Of the lines in the data below, write out exactly those from the one holding "# Slot Boss A Profile → Slot Boss A (add)" through the one holding "Line((-53, -74), (-53, -44))", both included.

BEGIN Provided information

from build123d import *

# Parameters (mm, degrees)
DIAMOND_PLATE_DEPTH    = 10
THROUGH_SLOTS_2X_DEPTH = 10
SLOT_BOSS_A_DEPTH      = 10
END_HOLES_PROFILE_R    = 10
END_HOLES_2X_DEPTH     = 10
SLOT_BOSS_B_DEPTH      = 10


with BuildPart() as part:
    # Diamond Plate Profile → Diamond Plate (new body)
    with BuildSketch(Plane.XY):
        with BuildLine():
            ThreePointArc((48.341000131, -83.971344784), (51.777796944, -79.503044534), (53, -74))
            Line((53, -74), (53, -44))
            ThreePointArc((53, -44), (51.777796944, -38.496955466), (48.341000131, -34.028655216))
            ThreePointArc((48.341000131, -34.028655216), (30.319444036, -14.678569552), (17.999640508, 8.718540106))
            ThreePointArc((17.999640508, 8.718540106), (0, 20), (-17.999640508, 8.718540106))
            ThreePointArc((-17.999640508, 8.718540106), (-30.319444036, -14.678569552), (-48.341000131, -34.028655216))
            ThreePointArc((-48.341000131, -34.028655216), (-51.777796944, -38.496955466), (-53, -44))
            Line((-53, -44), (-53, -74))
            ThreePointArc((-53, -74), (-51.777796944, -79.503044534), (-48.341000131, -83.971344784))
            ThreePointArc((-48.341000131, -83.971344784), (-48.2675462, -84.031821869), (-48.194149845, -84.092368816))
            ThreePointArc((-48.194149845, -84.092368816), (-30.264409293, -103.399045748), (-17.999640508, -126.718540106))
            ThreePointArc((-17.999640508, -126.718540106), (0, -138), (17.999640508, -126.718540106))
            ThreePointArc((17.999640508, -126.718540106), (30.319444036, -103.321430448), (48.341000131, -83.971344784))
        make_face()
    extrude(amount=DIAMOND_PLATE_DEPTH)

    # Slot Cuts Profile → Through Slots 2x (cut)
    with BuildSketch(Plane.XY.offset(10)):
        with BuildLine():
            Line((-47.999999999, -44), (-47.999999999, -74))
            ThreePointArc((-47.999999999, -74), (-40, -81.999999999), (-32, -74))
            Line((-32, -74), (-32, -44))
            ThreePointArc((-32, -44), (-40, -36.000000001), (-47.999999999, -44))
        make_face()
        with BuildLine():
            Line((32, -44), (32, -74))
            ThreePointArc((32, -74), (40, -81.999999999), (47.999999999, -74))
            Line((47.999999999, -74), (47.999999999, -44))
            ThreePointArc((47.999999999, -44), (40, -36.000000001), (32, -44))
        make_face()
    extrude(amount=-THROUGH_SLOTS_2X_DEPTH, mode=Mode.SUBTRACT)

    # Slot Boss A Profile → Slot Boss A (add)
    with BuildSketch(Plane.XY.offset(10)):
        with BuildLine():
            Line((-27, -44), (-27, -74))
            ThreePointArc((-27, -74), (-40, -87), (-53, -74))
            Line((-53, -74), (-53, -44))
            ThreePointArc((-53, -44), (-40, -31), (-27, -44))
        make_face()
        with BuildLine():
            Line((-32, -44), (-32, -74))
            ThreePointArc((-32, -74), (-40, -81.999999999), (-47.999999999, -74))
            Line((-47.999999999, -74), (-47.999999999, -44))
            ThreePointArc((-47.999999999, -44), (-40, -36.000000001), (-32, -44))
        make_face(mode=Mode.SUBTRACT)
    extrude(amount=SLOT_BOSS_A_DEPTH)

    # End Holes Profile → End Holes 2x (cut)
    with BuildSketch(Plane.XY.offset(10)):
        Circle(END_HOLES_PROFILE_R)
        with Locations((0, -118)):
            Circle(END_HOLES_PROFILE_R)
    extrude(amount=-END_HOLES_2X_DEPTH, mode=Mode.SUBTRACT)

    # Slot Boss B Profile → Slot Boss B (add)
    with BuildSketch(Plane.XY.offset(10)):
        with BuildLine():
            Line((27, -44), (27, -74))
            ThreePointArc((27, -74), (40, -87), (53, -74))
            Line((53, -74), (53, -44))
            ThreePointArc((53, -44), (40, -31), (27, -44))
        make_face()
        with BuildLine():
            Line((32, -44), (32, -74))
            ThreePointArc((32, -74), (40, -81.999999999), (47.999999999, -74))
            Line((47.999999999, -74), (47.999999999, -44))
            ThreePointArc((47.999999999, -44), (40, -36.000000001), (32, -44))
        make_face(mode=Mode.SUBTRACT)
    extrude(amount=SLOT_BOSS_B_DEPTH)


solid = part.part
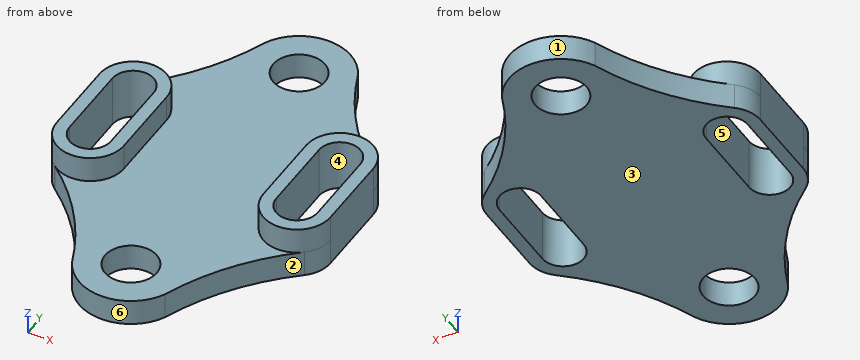
For this review, take the finished solid that the model builds, in its own axes (mm). Face numbers are marked on the shaded views. A direction names the side the tool comes from. Coordinates: 2 decimals unless noted, no trailing zeros. Loops run counter-clockwise (first coordinate to the right, second up) from the corner with the lowest first, then second, coordinate; pieces in that order, holes last. Notation, with made-up numbers: (0, 82) -> (49, 82) arc R13 cw to (49, 88) -> close; hole circle Ø7 at (-5, 55). An arc over 180 degrees is marked (long way). Write each question's results on one line, items separated by ' | '.
Q1. For pin 1 Ø4 at (x, z) = (5, 7) entering from -Y; pin 2 Ø10 at (y, z) = (-112.5, 9.5) entering from +X; pin 3 Ø12 at (x, y) = (0, -118) entering from -Z; pin 4 Ø5 at (x, y) = (17, -107) entering from +Z, all flat-tipped, find the tip position at first contact; note any pin that passes through.
Taken from the geometry:
pin 1: y = -137.77 | pin 2: x = 27.51 | pin 3: through | pin 4: z = 10
Q2. Add section B-B, the plane z = 4.75. State the section outline as (x, y) points, then the cut area to 3 significant figures.
Taken from the geometry:
outline: (-53, -74) arc R13 ccw to (-48.34, -83.97) arc R100 cw to (-48.19, -84.09) arc R100 cw to (-18, -126.72) arc R20 ccw to (18, -126.72) arc R100 cw to (48.34, -83.97) arc R13 ccw to (53, -74) -> (53, -44) arc R13 ccw to (48.34, -34.03) arc R100 cw to (18, 8.72) arc R20 ccw to (-18, 8.72) arc R100 cw to (-48.34, -34.03) arc R13 ccw to (-53, -44) -> close; hole (-48, -74) arc R8 ccw to (-32, -74) -> (-32, -44) arc R8 ccw to (-48, -44) -> close; hole circle Ø20 at (0, -118); hole circle Ø20 at (0, 0); hole (32, -74) arc R8 ccw to (48, -74) -> (48, -44) arc R8 ccw to (32, -44) -> close | area: 9,010 mm²
Q3. Machinability: for the marked faces 5 and 6, which of the approach directions +Z, -Z, +X, -X, +Y, -Y give a long, thin tool a straight path to every point of the face, cutting with its end or side? Answer none if there is none.
Taken from the geometry:
face 5: +Z, -Z | face 6: +Z, -Z, -Y
Q4. Mouldability with a two-part tool opening along X and no side actions: class the marked faces 1, 2, 3 and 4 as +X half, -X half, draft (parallel to the pull), parting line (faces both ways), or undercut.
Taken from the geometry:
face 1: parting line | face 2: +X half | face 3: draft | face 4: undercut
Q5. Add section C-C, the plane y = -118. State the section outline as (x, z) points, then the cut area to 3 significant figures.
Taken from the geometry:
outline: (-21.68, 0) -> (-10, 0) -> (-10, 10) -> (-21.68, 10) -> close; (10, 0) -> (21.68, 0) -> (21.68, 10) -> (10, 10) -> close | area: 234 mm²
Q6. Add section A-A, the plane z = 17. State the section outline as (x, y) points, then the cut area to 3 significant figures.
Taken from the geometry:
outline: (-53, -74) arc R13 ccw to (-27, -74) -> (-27, -44) arc R13 ccw to (-53, -44) -> close; (27, -74) arc R13 ccw to (53, -74) -> (53, -44) arc R13 ccw to (27, -44) -> close; hole (-48, -74) arc R8 ccw to (-32, -74) -> (-32, -44) arc R8 ccw to (-48, -44) -> close; hole (32, -74) arc R8 ccw to (48, -74) -> (48, -44) arc R8 ccw to (32, -44) -> close | area: 1,260 mm²
Q7. Add section D-D, the plane x = 40.5. State the section outline as (y, z) points.
Taken from the geometry:
outline: (-91.15, 0) -> (-81.98, 0) -> (-81.98, 20) -> (-86.99, 20) -> (-86.99, 10) -> (-91.15, 10) -> close; (-36.02, 0) -> (-26.85, 0) -> (-26.85, 10) -> (-31.01, 10) -> (-31.01, 20) -> (-36.02, 20) -> close
Q8. To check wall thickness, follow line 1 along Y through (x, z) = (0, 5.25); line 2 along X through (y, z) = (-56.5, 9.75); line 3 along X through (y, z) = (-74, 17.25). State the ranges of each line that lie inside material, in increasing order. Write a range as [from, to].
Taken from the geometry:
line 1: [-138, -128], [-108, -10], [10, 20] | line 2: [-53, -48], [-32, 32], [48, 53] | line 3: [-53, -48], [-32, -27], [27, 32], [48, 53]

END Provided information

• Completed exercise:
    # Slot Boss A Profile → Slot Boss A (add)
    with BuildSketch(Plane.XY.offset(10)):
        with BuildLine():
            Line((-27, -44), (-27, -74))
            ThreePointArc((-27, -74), (-40, -87), (-53, -74))
            Line((-53, -74), (-53, -44))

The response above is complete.